To do: Answer with a single number stating how many lines of the entries below include the string "direction".

··· Source data

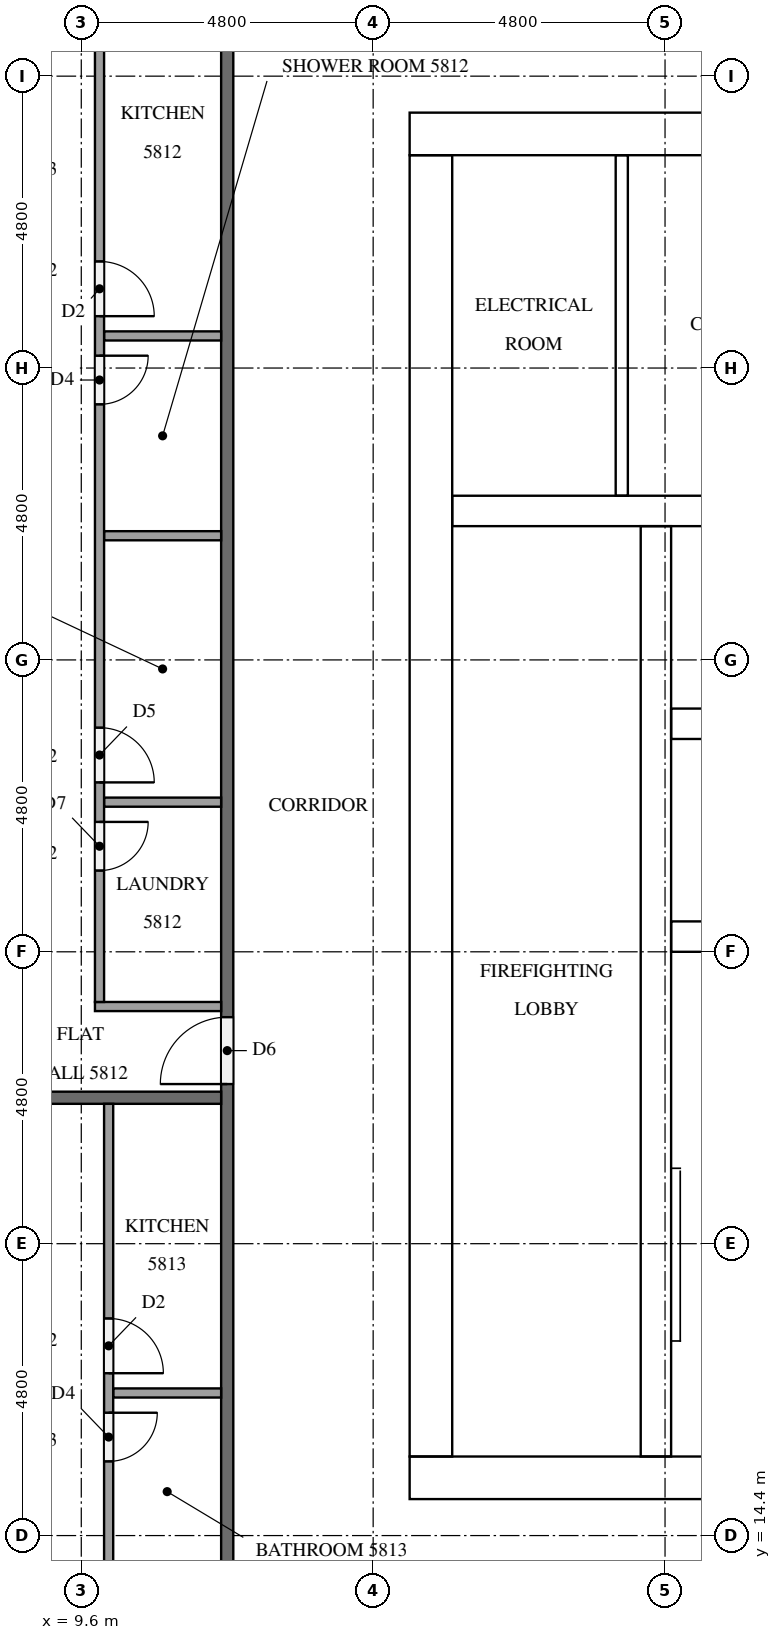
"""IFC4 building model, lengths in metres.
Left out: names, types, materials, properties, quantities, classifications, styles, units other than length and angle.
Written with IfcOpenShell. Run it as: python <this file> out.ifc"""

import sys

from ifc_helpers import new_model, si_unit, direction, frame, frame_2d, origin, place, context, subcontext, project, spatial, rectangle, extrude, element, fill, save


model = new_model("IFC4")
c1 = context("Model", 3, precision=1e-05, world=origin(), true_north=direction((0.0, 1.0)))
c2 = subcontext(c1, "Body", "Model", "MODEL_VIEW")
j1 = project(units=[si_unit("LENGTHUNIT", "METRE"), si_unit("PLANEANGLEUNIT", "RADIAN")], contexts=[c1])
p1 = place(None, origin())
s1 = spatial("IfcSite", under=j1, at=p1, CompositionType="ELEMENT")
p2 = place(p1, origin())
s2 = spatial("IfcBuilding", under=s1, at=p2, CompositionType="ELEMENT")
p3 = place(p2, frame((0.0, 0.0, 222.8)))
s3 = spatial("IfcBuildingStorey", under=s2, at=p3, CompositionType="ELEMENT", Elevation=222.8)
p4 = place(p3, frame((15.0, 15.35, 0.0), z_axis=(0.0, 0.0, 1.0), x_axis=(1.0, 0.0, 0.0)))
e1 = element("IfcWall", 1, at=p4, inside=s3, PredefinedType="SHEAR", context=c2, shape_type="SweptSolid", body=[
    extrude(rectangle(XDim=32.4, YDim=0.7, at=frame_2d((16.2, 0.0))), origin(), (0.0, 0.0, 1.0), 3.2),
])
p5 = place(p4, frame((15.3, 0.0, 0.0)))
e2 = element("IfcOpeningElement", 2, at=p5, cuts=e1, PredefinedType="OPENING", context=c2, shape_type="SweptSolid", body=[
    extrude(rectangle(XDim=1.8, YDim=2.1, at=frame_2d((0.9, 1.05))), frame((0.0, 0.36, 0.0), z_axis=(0.0, -1.0, 0.0), x_axis=(1.0, 0.0, 0.0)), (0.0, 0.0, 1.0), 0.72),
])
p6 = place(p3, frame((15.0, 37.45, 0.0), z_axis=(0.0, 0.0, 1.0), x_axis=(1.0, 0.0, 0.0)))
e3 = element("IfcWall", 3, at=p6, inside=s3, PredefinedType="SHEAR", context=c2, shape_type="SweptSolid", body=[
    extrude(rectangle(XDim=32.4, YDim=0.7, at=frame_2d((16.2, 0.0))), origin(), (0.0, 0.0, 1.0), 3.2),
])
p7 = place(p6, frame((15.3, 0.0, 0.0)))
e4 = element("IfcOpeningElement", 4, at=p7, cuts=e3, PredefinedType="OPENING", context=c2, shape_type="SweptSolid", body=[
    extrude(rectangle(XDim=1.8, YDim=2.1, at=frame_2d((0.9, 1.05))), frame((0.0, 0.36, 0.0), z_axis=(0.0, -1.0, 0.0), x_axis=(1.0, 0.0, 0.0)), (0.0, 0.0, 1.0), 0.72),
])
p8 = place(p6, frame((1.544, 0.0, 0.0)))
e5 = element("IfcOpeningElement", 5, at=p8, cuts=e3, PredefinedType="OPENING", context=c2, shape_type="SweptSolid", body=[
    extrude(rectangle(XDim=1.0, YDim=2.1, at=frame_2d((0.5, 1.05))), frame((0.0, 0.36, 0.0), z_axis=(0.0, -1.0, 0.0), x_axis=(1.0, 0.0, 0.0)), (0.0, 0.0, 1.0), 0.72),
])
p9 = place(p6, frame((5.219, 0.0, 0.0)))
e6 = element("IfcOpeningElement", 6, at=p9, cuts=e3, PredefinedType="OPENING", context=c2, shape_type="SweptSolid", body=[
    extrude(rectangle(XDim=1.0, YDim=2.1, at=frame_2d((0.5, 1.05))), frame((0.0, 0.36, 0.0), z_axis=(0.0, -1.0, 0.0), x_axis=(1.0, 0.0, 0.0)), (0.0, 0.0, 1.0), 0.72),
])
p10 = place(p3, frame((15.35, 15.7, 0.0), z_axis=(0.0, 0.0, 1.0), x_axis=(0.0, 1.0, 0.0)))
e7 = element("IfcWall", 7, at=p10, inside=s3, PredefinedType="SHEAR", context=c2, shape_type="SweptSolid", body=[
    extrude(rectangle(XDim=21.4, YDim=0.7, at=frame_2d((10.7, 0.0))), origin(), (0.0, 0.0, 1.0), 3.2),
])
p11 = place(p10, frame((5.06, 0.0, 0.0)))
e8 = element("IfcOpeningElement", 8, at=p11, cuts=e7, PredefinedType="OPENING", context=c2, shape_type="SweptSolid", body=[
    extrude(rectangle(XDim=1.2, YDim=2.1, at=frame_2d((0.6, 1.05))), frame((0.0, 0.36, 0.0), z_axis=(0.0, -1.0, 0.0), x_axis=(1.0, 0.0, 0.0)), (0.0, 0.0, 1.0), 0.72),
])
p12 = place(p3, frame((19.05, 15.7, 0.0), z_axis=(0.0, 0.0, 1.0), x_axis=(0.0, 1.0, 0.0)))
e9 = element("IfcWall", 9, at=p12, inside=s3, PredefinedType="SHEAR", context=c2, shape_type="SweptSolid", body=[
    extrude(rectangle(XDim=15.3, YDim=0.5, at=frame_2d((7.65, 0.0))), origin(), (0.0, 0.0, 1.0), 3.2),
])
p13 = place(p12, frame((9.75, 0.0, 0.0)))
e10 = element("IfcOpeningElement", 10, at=p13, cuts=e9, PredefinedType="OPENING", context=c2, shape_type="SweptSolid", body=[
    extrude(rectangle(XDim=1.1, YDim=2.1, at=frame_2d((0.55, 1.05))), frame((0.0, 0.26, 0.0), z_axis=(0.0, -1.0, 0.0), x_axis=(1.0, 0.0, 0.0)), (0.0, 0.0, 1.0), 0.52),
])
p14 = place(p12, frame((13.25, 0.0, 0.0)))
e11 = element("IfcOpeningElement", 11, at=p14, cuts=e9, PredefinedType="OPENING", context=c2, shape_type="SweptSolid", body=[
    extrude(rectangle(XDim=1.1, YDim=2.1, at=frame_2d((0.55, 1.05))), frame((0.0, 0.26, 0.0), z_axis=(0.0, -1.0, 0.0), x_axis=(1.0, 0.0, 0.0)), (0.0, 0.0, 1.0), 0.52),
])
p15 = place(p12, frame((0.5, 0.0, 0.0)))
e12 = element("IfcOpeningElement", 12, at=p15, cuts=e9, PredefinedType="OPENING", context=c2, shape_type="SweptSolid", body=[
    extrude(rectangle(XDim=1.2, YDim=2.1, at=frame_2d((0.6, 1.05))), frame((0.0, 0.26, 0.0), z_axis=(0.0, -1.0, 0.0), x_axis=(1.0, 0.0, 0.0)), (0.0, 0.0, 1.0), 0.52),
])
for number, where, z_axis, x_axis in (
    (13, (19.3, 24.25, 0.0), (0.0, 0.0, 1.0), (1.0, 0.0, 0.0)),
    (14, (19.3, 27.75, 0.0), (0.0, 0.0, 1.0), (1.0, 0.0, 0.0)),
):
    element("IfcWall", number, at=place(p3, frame(where, z_axis=z_axis, x_axis=x_axis)), inside=s3, PredefinedType="SHEAR", context=c2, shape_type="SweptSolid", body=[
        extrude(rectangle(XDim=3.55, YDim=0.5, at=frame_2d((1.775, 0.0))), origin(), (0.0, 0.0, 1.0), 3.2),
    ])
p16 = place(p3, frame((15.7, 31.25, 0.0), z_axis=(0.0, 0.0, 1.0), x_axis=(1.0, 0.0, 0.0)))
e15 = element("IfcWall", 15, at=p16, inside=s3, PredefinedType="SHEAR", context=c2, shape_type="SweptSolid", body=[
    extrude(rectangle(XDim=7.15, YDim=0.5, at=frame_2d((3.575, 0.0))), origin(), (0.0, 0.0, 1.0), 3.2),
])
p17 = place(p3, frame((18.489, 31.5, 0.0), z_axis=(0.0, 0.0, 1.0), x_axis=(0.0, 1.0, 0.0)))
e16 = element("IfcWall", 16, at=p17, inside=s3, PredefinedType="PARTITIONING", context=c2, shape_type="SweptSolid", body=[
    extrude(rectangle(XDim=5.6, YDim=0.2, at=frame_2d((2.8, 0.0))), origin(), (0.0, 0.0, 1.0), 3.2),
])
p18 = place(p3, frame((12.0, 12.1, 0.0), z_axis=(0.0, 0.0, 1.0), x_axis=(0.0, 1.0, 0.0)))
e17 = element("IfcWall", 17, at=p18, inside=s3, PredefinedType="PARTITIONING", context=c2, shape_type="SweptSolid", body=[
    extrude(rectangle(XDim=28.6, YDim=0.2, at=frame_2d((14.3, 0.0))), origin(), (0.0, 0.0, 1.0), 3.2),
])
p19 = place(p18, frame((9.725, 0.0, 0.0)))
e18 = element("IfcOpeningElement", 18, at=p19, cuts=e17, PredefinedType="OPENING", context=c2, shape_type="SweptSolid", body=[
    extrude(rectangle(XDim=1.1, YDim=2.1, at=frame_2d((0.55, 1.05))), frame((0.0, 0.11, 0.0), z_axis=(0.0, -1.0, 0.0), x_axis=(1.0, 0.0, 0.0)), (0.0, 0.0, 1.0), 0.22),
])
p20 = place(p18, frame((0.175, 0.0, 0.0)))
e19 = element("IfcOpeningElement", 19, at=p20, cuts=e17, PredefinedType="OPENING", context=c2, shape_type="SweptSolid", body=[
    extrude(rectangle(XDim=1.0, YDim=2.1, at=frame_2d((0.5, 1.05))), frame((0.0, 0.11, 0.0), z_axis=(0.0, -1.0, 0.0), x_axis=(1.0, 0.0, 0.0)), (0.0, 0.0, 1.0), 0.22),
])
p21 = place(p3, frame((4.9, 21.6, 0.0), z_axis=(0.0, 0.0, 1.0), x_axis=(1.0, 0.0, 0.0)))
e20 = element("IfcWall", 20, at=p21, inside=s3, PredefinedType="PARTITIONING", context=c2, shape_type="SweptSolid", body=[
    extrude(rectangle(XDim=7.0, YDim=0.2, at=frame_2d((3.5, 0.0))), origin(), (0.0, 0.0, 1.0), 3.2),
])
for number, where, z_axis, x_axis in (
    (21, (11.9, 26.461, 0.0), (0.0, 0.0, 1.0), (-1.0, 0.0, 0.0)),
    (22, (11.9, 30.842, 0.0), (0.0, 0.0, 1.0), (-1.0, 0.0, 0.0)),
    (23, (11.9, 34.128, 0.0), (0.0, 0.0, 1.0), (-1.0, 0.0, 0.0)),
):
    element("IfcWall", number, at=place(p3, frame(where, z_axis=z_axis, x_axis=x_axis)), inside=s3, PredefinedType="PARTITIONING", context=c2, shape_type="SweptSolid", body=[
        extrude(rectangle(XDim=1.925, YDim=0.15, at=frame_2d((0.962, 0.0))), origin(), (0.0, 0.0, 1.0), 3.2),
    ])
p22 = place(p3, frame((11.9, 23.1, 0.0), z_axis=(0.0, 0.0, 1.0), x_axis=(-1.0, 0.0, 0.0)))
e24 = element("IfcWall", 24, at=p22, inside=s3, PredefinedType="PARTITIONING", context=c2, shape_type="SweptSolid", body=[
    extrude(rectangle(XDim=2.075, YDim=0.15, at=frame_2d((1.038, 0.0))), origin(), (0.0, 0.0, 1.0), 3.2),
])
p23 = place(p3, frame((9.9, 40.7, 0.0), z_axis=(0.0, 0.0, 1.0), x_axis=(0.0, -1.0, 0.0)))
e25 = element("IfcWall", 25, at=p23, inside=s3, PredefinedType="PARTITIONING", context=c2, shape_type="SweptSolid", body=[
    extrude(rectangle(XDim=17.525, YDim=0.15, at=frame_2d((8.762, 0.0))), origin(), (0.0, 0.0, 1.0), 3.2),
])
p24 = place(p23, frame((14.564, 0.0, 0.0)))
e26 = element("IfcOpeningElement", 26, at=p24, cuts=e25, PredefinedType="OPENING", context=c2, shape_type="SweptSolid", body=[
    extrude(rectangle(XDim=0.8, YDim=2.1, at=frame_2d((0.4, 1.05))), frame((0.0, 0.085, 0.0), z_axis=(0.0, -1.0, 0.0), x_axis=(1.0, 0.0, 0.0)), (0.0, 0.0, 1.0), 0.17),
])
p25 = place(p23, frame((13.014, 0.0, 0.0)))
e27 = element("IfcOpeningElement", 27, at=p25, cuts=e25, PredefinedType="OPENING", context=c2, shape_type="SweptSolid", body=[
    extrude(rectangle(XDim=0.9, YDim=2.1, at=frame_2d((0.45, 1.05))), frame((0.0, 0.085, 0.0), z_axis=(0.0, -1.0, 0.0), x_axis=(1.0, 0.0, 0.0)), (0.0, 0.0, 1.0), 0.17),
])
p26 = place(p23, frame((6.897, 0.0, 0.0)))
e28 = element("IfcOpeningElement", 28, at=p26, cuts=e25, PredefinedType="OPENING", context=c2, shape_type="SweptSolid", body=[
    extrude(rectangle(XDim=0.8, YDim=2.1, at=frame_2d((0.4, 1.05))), frame((0.0, 0.085, 0.0), z_axis=(0.0, -1.0, 0.0), x_axis=(1.0, 0.0, 0.0)), (0.0, 0.0, 1.0), 0.17),
])
p27 = place(p23, frame((5.347, 0.0, 0.0)))
e29 = element("IfcOpeningElement", 29, at=p27, cuts=e25, PredefinedType="OPENING", context=c2, shape_type="SweptSolid", body=[
    extrude(rectangle(XDim=0.9, YDim=2.1, at=frame_2d((0.45, 1.05))), frame((0.0, 0.085, 0.0), z_axis=(0.0, -1.0, 0.0), x_axis=(1.0, 0.0, 0.0)), (0.0, 0.0, 1.0), 0.17),
])
p28 = place(p3, frame((11.9, 16.745, 0.0), z_axis=(0.0, 0.0, 1.0), x_axis=(-1.0, 0.0, 0.0)))
e30 = element("IfcWall", 30, at=p28, inside=s3, PredefinedType="PARTITIONING", context=c2, shape_type="SweptSolid", body=[
    extrude(rectangle(XDim=1.775, YDim=0.15, at=frame_2d((0.887, 0.0))), origin(), (0.0, 0.0, 1.0), 3.2),
])
p29 = place(p3, frame((10.05, 21.5, 0.0), z_axis=(0.0, 0.0, 1.0), x_axis=(0.0, -1.0, 0.0)))
e31 = element("IfcWall", 31, at=p29, inside=s3, PredefinedType="PARTITIONING", context=c2, shape_type="SweptSolid", body=[
    extrude(rectangle(XDim=7.925, YDim=0.15, at=frame_2d((3.962, 0.0))), origin(), (0.0, 0.0, 1.0), 3.2),
])
p30 = place(p29, frame((5.08, 0.0, 0.0)))
e32 = element("IfcOpeningElement", 32, at=p30, cuts=e31, PredefinedType="OPENING", context=c2, shape_type="SweptSolid", body=[
    extrude(rectangle(XDim=0.8, YDim=2.1, at=frame_2d((0.4, 1.05))), frame((0.0, 0.085, 0.0), z_axis=(0.0, -1.0, 0.0), x_axis=(1.0, 0.0, 0.0)), (0.0, 0.0, 1.0), 0.17),
])
p31 = place(p29, frame((3.53, 0.0, 0.0)))
e33 = element("IfcOpeningElement", 33, at=p31, cuts=e31, PredefinedType="OPENING", context=c2, shape_type="SweptSolid", body=[
    extrude(rectangle(XDim=0.9, YDim=2.1, at=frame_2d((0.45, 1.05))), frame((0.0, 0.085, 0.0), z_axis=(0.0, -1.0, 0.0), x_axis=(1.0, 0.0, 0.0)), (0.0, 0.0, 1.0), 0.17),
])
p32 = place(p13, origin())
e34 = element("IfcDoor", 34, at=p32, inside=s3, OperationType="DOUBLE_DOOR_SLIDING", PredefinedType="DOOR", context=c2, shape_type="SweptSolid", body=[
    extrude(rectangle(XDim=1.1, YDim=2.1, at=frame_2d((0.55, 1.05))), frame((0.0, 0.025, 0.0), z_axis=(0.0, -1.0, 0.0), x_axis=(1.0, 0.0, 0.0)), (0.0, 0.0, 1.0), 0.05),
])
fill(e10, e34)
p33 = place(p14, origin())
e35 = element("IfcDoor", 35, at=p33, inside=s3, OperationType="DOUBLE_DOOR_SLIDING", PredefinedType="DOOR", context=c2, shape_type="SweptSolid", body=[
    extrude(rectangle(XDim=1.1, YDim=2.1, at=frame_2d((0.55, 1.05))), frame((0.0, 0.025, 0.0), z_axis=(0.0, -1.0, 0.0), x_axis=(1.0, 0.0, 0.0)), (0.0, 0.0, 1.0), 0.05),
])
fill(e11, e35)
p34 = place(p15, frame((1.2, 0.0, 0.0), z_axis=(0.0, 0.0, 1.0), x_axis=(-1.0, 0.0, 0.0)))
e36 = element("IfcDoor", 36, at=p34, inside=s3, OperationType="SINGLE_SWING_RIGHT", PredefinedType="DOOR", context=c2, shape_type="SweptSolid", body=[
    extrude(rectangle(XDim=1.2, YDim=2.1, at=frame_2d((0.6, 1.05))), frame((0.0, 0.025, 0.0), z_axis=(0.0, -1.0, 0.0), x_axis=(1.0, 0.0, 0.0)), (0.0, 0.0, 1.0), 0.05),
])
fill(e12, e36)
p35 = place(p11, frame((1.2, 0.0, 0.0), z_axis=(0.0, 0.0, 1.0), x_axis=(-1.0, 0.0, 0.0)))
e37 = element("IfcDoor", 37, at=p35, inside=s3, OperationType="SINGLE_SWING_LEFT", PredefinedType="DOOR", context=c2, shape_type="SweptSolid", body=[
    extrude(rectangle(XDim=1.2, YDim=2.1, at=frame_2d((0.6, 1.05))), frame((0.0, 0.025, 0.0), z_axis=(0.0, -1.0, 0.0), x_axis=(1.0, 0.0, 0.0)), (0.0, 0.0, 1.0), 0.05),
])
fill(e8, e37)
p36 = place(p8, origin())
e38 = element("IfcDoor", 38, at=p36, inside=s3, OperationType="SINGLE_SWING_LEFT", PredefinedType="DOOR", context=c2, shape_type="SweptSolid", body=[
    extrude(rectangle(XDim=1.0, YDim=2.1, at=frame_2d((0.5, 1.05))), frame((0.0, 0.025, 0.0), z_axis=(0.0, -1.0, 0.0), x_axis=(1.0, 0.0, 0.0)), (0.0, 0.0, 1.0), 0.05),
])
fill(e5, e38)
p37 = place(p19, origin())
e39 = element("IfcDoor", 39, at=p37, inside=s3, OperationType="SINGLE_SWING_LEFT", PredefinedType="DOOR", context=c2, shape_type="SweptSolid", body=[
    extrude(rectangle(XDim=1.1, YDim=2.1, at=frame_2d((0.55, 1.05))), frame((0.0, 0.025, 0.0), z_axis=(0.0, -1.0, 0.0), x_axis=(1.0, 0.0, 0.0)), (0.0, 0.0, 1.0), 0.05),
])
fill(e18, e39)
p38 = place(p24, origin())
e40 = element("IfcDoor", 40, at=p38, inside=s3, OperationType="SINGLE_SWING_LEFT", PredefinedType="DOOR", context=c2, shape_type="SweptSolid", body=[
    extrude(rectangle(XDim=0.8, YDim=2.1, at=frame_2d((0.4, 1.05))), frame((0.0, 0.025, 0.0), z_axis=(0.0, -1.0, 0.0), x_axis=(1.0, 0.0, 0.0)), (0.0, 0.0, 1.0), 0.05),
])
fill(e26, e40)
p39 = place(p25, origin())
e41 = element("IfcDoor", 41, at=p39, inside=s3, OperationType="SINGLE_SWING_RIGHT", PredefinedType="DOOR", context=c2, shape_type="SweptSolid", body=[
    extrude(rectangle(XDim=0.9, YDim=2.1, at=frame_2d((0.45, 1.05))), frame((0.0, 0.025, 0.0), z_axis=(0.0, -1.0, 0.0), x_axis=(1.0, 0.0, 0.0)), (0.0, 0.0, 1.0), 0.05),
])
fill(e27, e41)
p40 = place(p26, origin())
e42 = element("IfcDoor", 42, at=p40, inside=s3, OperationType="SINGLE_SWING_LEFT", PredefinedType="DOOR", context=c2, shape_type="SweptSolid", body=[
    extrude(rectangle(XDim=0.8, YDim=2.1, at=frame_2d((0.4, 1.05))), frame((0.0, 0.025, 0.0), z_axis=(0.0, -1.0, 0.0), x_axis=(1.0, 0.0, 0.0)), (0.0, 0.0, 1.0), 0.05),
])
fill(e28, e42)
p41 = place(p27, origin())
e43 = element("IfcDoor", 43, at=p41, inside=s3, OperationType="SINGLE_SWING_RIGHT", PredefinedType="DOOR", context=c2, shape_type="SweptSolid", body=[
    extrude(rectangle(XDim=0.9, YDim=2.1, at=frame_2d((0.45, 1.05))), frame((0.0, 0.025, 0.0), z_axis=(0.0, -1.0, 0.0), x_axis=(1.0, 0.0, 0.0)), (0.0, 0.0, 1.0), 0.05),
])
fill(e29, e43)
p42 = place(p30, origin())
e44 = element("IfcDoor", 44, at=p42, inside=s3, OperationType="SINGLE_SWING_LEFT", PredefinedType="DOOR", context=c2, shape_type="SweptSolid", body=[
    extrude(rectangle(XDim=0.8, YDim=2.1, at=frame_2d((0.4, 1.05))), frame((0.0, 0.025, 0.0), z_axis=(0.0, -1.0, 0.0), x_axis=(1.0, 0.0, 0.0)), (0.0, 0.0, 1.0), 0.05),
])
fill(e32, e44)
p43 = place(p31, origin())
e45 = element("IfcDoor", 45, at=p43, inside=s3, OperationType="SINGLE_SWING_RIGHT", PredefinedType="DOOR", context=c2, shape_type="SweptSolid", body=[
    extrude(rectangle(XDim=0.9, YDim=2.1, at=frame_2d((0.45, 1.05))), frame((0.0, 0.025, 0.0), z_axis=(0.0, -1.0, 0.0), x_axis=(1.0, 0.0, 0.0)), (0.0, 0.0, 1.0), 0.05),
])
fill(e33, e45)
save(model, sys.argv[1])

······

Task solution: 2